### [What the task asks]
Starting at the first line of the data and ending at the line with "12AEncoder | 1", copy each line exactly. Include both of those lines, but no pictures.
Provided information Block Start
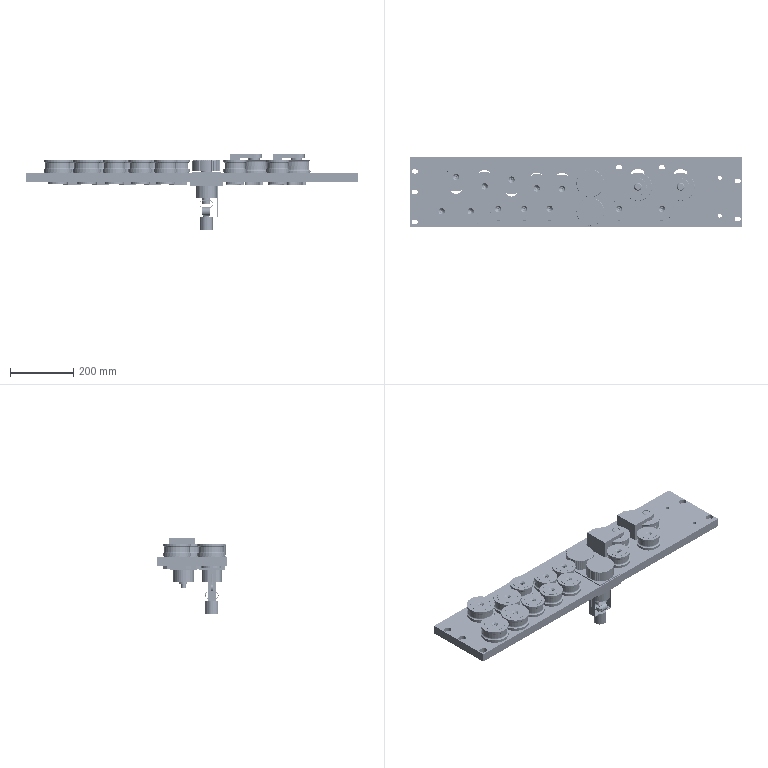Assembly | SolidWorks | mm | 86 component files | 278 solids | 5962 faces | box 1050 x 220 x 237.51 mm | volume 10326215 mm3 | cylinder 1953 | plane 1541 | sphere 1504 | cone 570 | torus 394 | commonest cylinder face diameters 34.9 x282 37.1 x282 8.5 x124 88 x88 86 x86 11 x74 45 x67 55 x64
Bill of materials:
12ACoupling | 1 |  | Two thin-walled stadium (obround) loops arranged at right angles to each other and touching at one point. Each loop holds a cylindrical collar with a central through bore and a small radial hole with a recessed socket feature on its side.
12AEncoder | 1 |  | Solid cylindrical body. A smaller coaxial cylindrical boss sits on one end face, and a thin shaft sticks out of the boss. Three small holes are spaced evenly around the end face.
12AEncoderBracket | 1 | Q235 | Formed sheet-style U-shaped bracket. The flat base has a circular lobe with a large central hole and three small holes around it. Two vertical side walls each have a long vertical slot. Each wall ends in an outward-bent tab with one hole and rounded corners.
12A6005RZBearing | 6 |  | Flat annular ring with a plain cylindrical outer surface and a smooth through-bore. The end face has concentric bands: an outer rim, a wide middle annular face, and a narrow inner ring band near the bore, separated by shallow circular grooves/steps. Overall it looks like a shielded deep-groove ball bearing (outer ring, shield, inner ring), but this is only inferred from shape.
12A6006RZBearing | 2 |  | Annular ring with a rectangular cross-section and rounded edges. The face has shallow concentric step or groove rings between the inner and outer diameters.
12AEncoderAxis | 2 |  | Axisymmetric pin with a large cylindrical head ridged around its edge. Below the head is a stepped shaft that gets narrower in stages. Near the lower end there is a narrow groove and a small end pilot.
12AEncoderAxisFrontBaffle | 2 | Q235 | Thin square plate with a central round through hole. Below the plate is a slightly smaller block with a rounded-square outline.
12AEncoderAxisRearBaffle | 2 | Q235 | Flanged cylindrical housing. A rectangular flange plate has four larger corner holes, two small holes on the short-side centerlines, and a large central through bore. A cylindrical body extends below the plate and a short stepped spigot rises above it.
12AFlatSlotLargeStraighteningWheel | 4 | GCr15 | Spool-shaped wheel with two end flanges and a concave circumferential groove between them. It has a central through bore and a shallow annular groove on the end face.
12ALargeStraighteningWheelAxis | 4 | Q235 | Stepped axisymmetric part. A wide thin flange disc has raised concentric step rings on top. An upper cylinder with a small central hole rises from it, and a larger lower cylinder with chamfered ends sits below.
12ALargeStraighteningWheelCover | 4 | 45 | Thin flat disc with a central countersunk through hole. A shallow stepped boss with a chamfered edge sits on the underside.
12AFixedLargeStraighteningWheelBaffle | 7 | Q235 | Plain flat circular disc with a small central through hole.
12AFlatSlotSmallStraighteningWheel | 8 | GCr15 | Spool-shaped wheel with two end flanges and a concave radiused groove between them. It has a central through bore and an annular groove on the end face. It is proportionally taller, with a relatively larger bore than the similar spool part.
12ASmallStraighteningWheelAxis | 8 | 45 | Stepped, mostly revolved body: a small cylindrical boss on top with a small central hole, a raised annular step, a thin wide flange, and a larger lower cylindrical body with one flat side.
12ASmallStraighteningWheelCover | 8 | 45 | Thin flat circular disc with a central countersunk through hole, plus a shallow stepped boss on the underside.
12A6006DeepGrooveBallBearing | 4 | GCr4 | Ball-bearing-like geometry: concentric outer and inner rings with a ring of spherical balls between them. No shield or cage is visible.
12AInnerSideWheel | 2 | Cr12MoV | Short annular ring with a central through bore and a thin outward flange at its base, joined to the ring wall by a fillet.
12AInnerSideWheelAxis | 2 | 45 | Stepped, mostly revolved body: a solid small cylindrical boss on top, a raised annular step, two flange tiers, and a larger lower cylindrical body with one flat side.
12AOuterSideWheel | 2 | Cr12MoV | Flanged cylindrical sleeve: a short tube with a thin outward flange at one end and a stepped internal bore.
12AOuterSideWheelPlate | 2 | Q235 | Flat plate of uniform thickness: two straight edges meeting at a corner, an angled edge, and a rounded lobe at one end with a single round through hole. There is a small rectangular notch in one edge.
12AOuterSideWheelSeat | 2 | Q235 | T-shaped block: a rectangular upper block with a narrow raised rib running along its top, and a narrower lower extension with a rounded end.
12AOuterSideWheelSmallAxis | 2 | 45 | Solid stepped cylindrical plug: a chamfered top cylinder, a wider collar or flange, and a main cylindrical body with a circumferential groove near the lower end.
12ASlidingPlateWheelCover | 4 | Q235 | Flat rectangular plate with rounded corners, a concave circular-arc cutout along one short edge, and two round through holes in line on the centerline.
12ASlidingStraighteningWheelRetainingPlate | 5 | Q235 | Flat rectangular plate with all four corners chamfered (elongated octagon outline) and two round through holes on the centerline.
12AStraighteningPlate | 1 | Q235 | Long, thin rectangular panel plate with many cutouts in two rows: rounded or D-shaped oblong openings, two square openings, two narrow slots, and small holes and slots near both ends.
Mates:
1. coincident | 12AStraighteningPlate-1 face at (-449.402, 230.038, 14.25) dir (0, 0, 1) | 12AFixedFlatGrooveLargeWheel-EngravingAndMillingAxis-2/12ALargeStraighteningWheelAxis-1 face at (-257.402, 101.538, 14.25) dir (0, 0, -1)
2. coincident | 12AStraighteningPlate-1 face at (-449.402, 230.038, 14.25) dir (0, 0, 1) | 12AFixedFlatGrooveLargeWheel-EngravingAndMillingAxis-3/12ALargeStraighteningWheelAxis-1 face at (-349.402, 101.538, 14.25) dir (0, 0, -1)
3. coincident | 12AStraighteningPlate-1 face at (-363.544, 76.538, -14.25) dir (0, -1, 0) | 12AFixedFlatGrooveLargeWheel-EngravingAndMillingAxis-3/12ALargeStraighteningWheelAxis-1 face at (-335.259, 76.538, 42.973) dir (0, 1, 0)
4. concentric | 12AStraighteningPlate-1 face at (-349.402, 59.038, -14.25) dir (0, 0, 1) r 22.5 | 12AFixedFlatGrooveLargeWheel-EngravingAndMillingAxis-3/12ALargeStraighteningWheelAxis-1 face at (-349.402, 59.038, -14.25) dir (0, 0, -1) r 22.5
5. coincident | 12AStraighteningPlate-1 face at (-271.544, 76.538, -14.25) dir (0, -1, 0) | 12AFixedFlatGrooveLargeWheel-EngravingAndMillingAxis-2/12ALargeStraighteningWheelAxis-1 face at (-243.259, 76.538, 42.973) dir (0, 1, 0)
6. concentric | 12AStraighteningPlate-1 face at (-257.402, 59.038, -14.25) dir (0, 0, 1) r 22.5 | 12AFixedFlatGrooveLargeWheel-EngravingAndMillingAxis-2/12ALargeStraighteningWheelAxis-1 face at (-257.402, 59.038, -14.25) dir (0, 0, -1) r 22.5
7. coincident | 12AStraighteningPlate-1 face at (-449.402, 230.038, 14.25) dir (0, 0, 1) | 12AFlatGrooveSmallWheel-MillingAxis-5/12ASmallStraighteningWheelAxis-1 face at (346.598, 101.038, 14.25) dir (0, 0, -1)
8. coincident | 12AStraighteningPlate-1 face at (-449.402, 230.038, 14.25) dir (0, 0, 1) | 12AFlatGrooveSmallWheel-MillingAxis-4/12ASmallStraighteningWheelAxis-1 face at (211.598, 101.038, 14.25) dir (0, 0, -1)
9. coincident | 12AStraighteningPlate-1 face at (-449.402, 230.038, 14.25) dir (0, 0, 1) | 12AFlatGrooveSmallWheel-MillingAxis-3/12ASmallStraighteningWheelAxis-1 face at (-8.402, 101.038, 14.25) dir (0, 0, -1)
10. coincident | 12AStraighteningPlate-1 face at (-449.402, 230.038, 14.25) dir (0, 0, 1) | 12AFlatGrooveSmallWheel-MillingAxis-1/12ASmallStraighteningWheelAxis-1 face at (-170.402, 101.038, 14.25) dir (0, 0, -1)
11. coincident | 12AStraighteningPlate-1 face at (-449.402, 230.038, 14.25) dir (0, 0, 1) | 12AFlatGrooveSmallWheel-MillingAxis-2/12ASmallStraighteningWheelAxis-1 face at (-88.402, 101.038, 14.25) dir (0, 0, -1)
12. coincident | 12AStraighteningPlate-1 face at (-184.544, 84.038, -14.25) dir (0, -1, 0) | 12AFlatGrooveSmallWheel-MillingAxis-1/12ASmallStraighteningWheelAxis-1 face at (-156.259, 84.038, 42.973) dir (0, 1, 0)
13. concentric | 12AStraighteningPlate-1 face at (-170.402, 66.538, -14.25) dir (0, 0, 1) r 22.5 | 12AFlatGrooveSmallWheel-MillingAxis-1/12ASmallStraighteningWheelAxis-1 face at (-170.402, 66.538, -14.25) dir (0, 0, -1) r 22.5
14. coincident | 12AStraighteningPlate-1 face at (-102.544, 84.038, -14.25) dir (0, -1, 0) | 12AFlatGrooveSmallWheel-MillingAxis-2/12ASmallStraighteningWheelAxis-1 face at (-74.259, 84.038, 42.973) dir (0, 1, 0)
15. concentric | 12AStraighteningPlate-1 face at (-88.402, 66.538, -14.25) dir (0, 0, 1) r 22.5 | 12AFlatGrooveSmallWheel-MillingAxis-2/12ASmallStraighteningWheelAxis-1 face at (-88.402, 66.538, -14.25) dir (0, 0, -1) r 22.5
16. coincident | 12AStraighteningPlate-1 face at (-22.544, 84.038, -14.25) dir (0, -1, 0) | 12AFlatGrooveSmallWheel-MillingAxis-3/12ASmallStraighteningWheelAxis-1 face at (5.741, 84.038, 42.973) dir (0, 1, 0)
17. concentric | 12AStraighteningPlate-1 face at (-8.402, 66.538, -14.25) dir (0, 0, 1) r 22.5 | 12AFlatGrooveSmallWheel-MillingAxis-3/12ASmallStraighteningWheelAxis-1 face at (-8.402, 66.538, -14.25) dir (0, 0, -1) r 22.5
18. coincident | 12AStraighteningPlate-1 face at (197.456, 49.038, -14.25) dir (0, 1, 0) | 12AFlatGrooveSmallWheel-MillingAxis-4/12ASmallStraighteningWheelAxis-1 face at (225.741, 49.038, 42.973) dir (0, -1, 0)
19. concentric | 12AStraighteningPlate-1 face at (211.598, 66.538, -14.25) dir (0, 0, 1) r 22.5 | 12AFlatGrooveSmallWheel-MillingAxis-4/12ASmallStraighteningWheelAxis-1 face at (211.598, 66.538, -14.25) dir (0, 0, -1) r 22.5
20. coincident | 12AStraighteningPlate-1 face at (332.456, 84.038, -14.25) dir (0, -1, 0) | 12AFlatGrooveSmallWheel-MillingAxis-5/12ASmallStraighteningWheelAxis-1 face at (360.741, 84.038, 42.973) dir (0, 1, 0)
21. concentric | 12AStraighteningPlate-1 face at (346.598, 66.538, -14.25) dir (0, 0, 1) r 22.5 | 12AFlatGrooveSmallWheel-MillingAxis-5/12ASmallStraighteningWheelAxis-1 face at (346.598, 66.538, -14.25) dir (0, 0, -1) r 22.5
22. coincident | 12AStraighteningPlate-1 face at (-449.402, 230.038, 14.25) dir (0, 0, 1) | 12ASlidingFlatGrooveLargeWheel-MillingAxis-3/12ALargeStraighteningWheelAxis-1 face at (-260.902, 167.538, 14.25) dir (0, 0, -1)
23. coincident | 12AStraighteningPlate-1 face at (-285.902, 181.68, -14.25) dir (-1, 0, 0) | 12ASlidingFlatGrooveLargeWheel-MillingAxis-3/12ALargeStraighteningWheelAxis-1 face at (-285.902, 153.396, 42.973) dir (1, 0, 0)
24. concentric | 12AStraighteningPlate-1 face at (-303.402, 167.538, -14.25) dir (0, 0, 1) r 22.5 | 12ASlidingFlatGrooveLargeWheel-MillingAxis-3/12ALargeStraighteningWheelAxis-1 face at (-303.402, 167.538, -14.25) dir (0, 0, -1) r 22.5
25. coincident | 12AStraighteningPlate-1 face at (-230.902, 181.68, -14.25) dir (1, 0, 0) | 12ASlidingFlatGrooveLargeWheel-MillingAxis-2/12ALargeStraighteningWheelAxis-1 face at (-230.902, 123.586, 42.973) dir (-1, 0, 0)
Provided information Block End
### [Written answer]
Assembly | SolidWorks | mm | 86 component files | 278 solids | 5962 faces | box 1050 x 220 x 237.51 mm | volume 10326215 mm3 | cylinder 1953 | plane 1541 | sphere 1504 | cone 570 | torus 394 | commonest cylinder face diameters 34.9 x282 37.1 x282 8.5 x124 88 x88 86 x86 11 x74 45 x67 55 x64
Bill of materials:
12ACoupling | 1 |  | Two thin-walled stadium (obround) loops arranged at right angles to each other and touching at one point. Each loop holds a cylindrical collar with a central through bore and a small radial hole with a recessed socket feature on its side.
12AEncoder | 1 |  | Solid cylindrical body. A smaller coaxial cylindrical boss sits on one end face, and a thin shaft sticks out of the boss. Three small holes are spaced evenly around the end face.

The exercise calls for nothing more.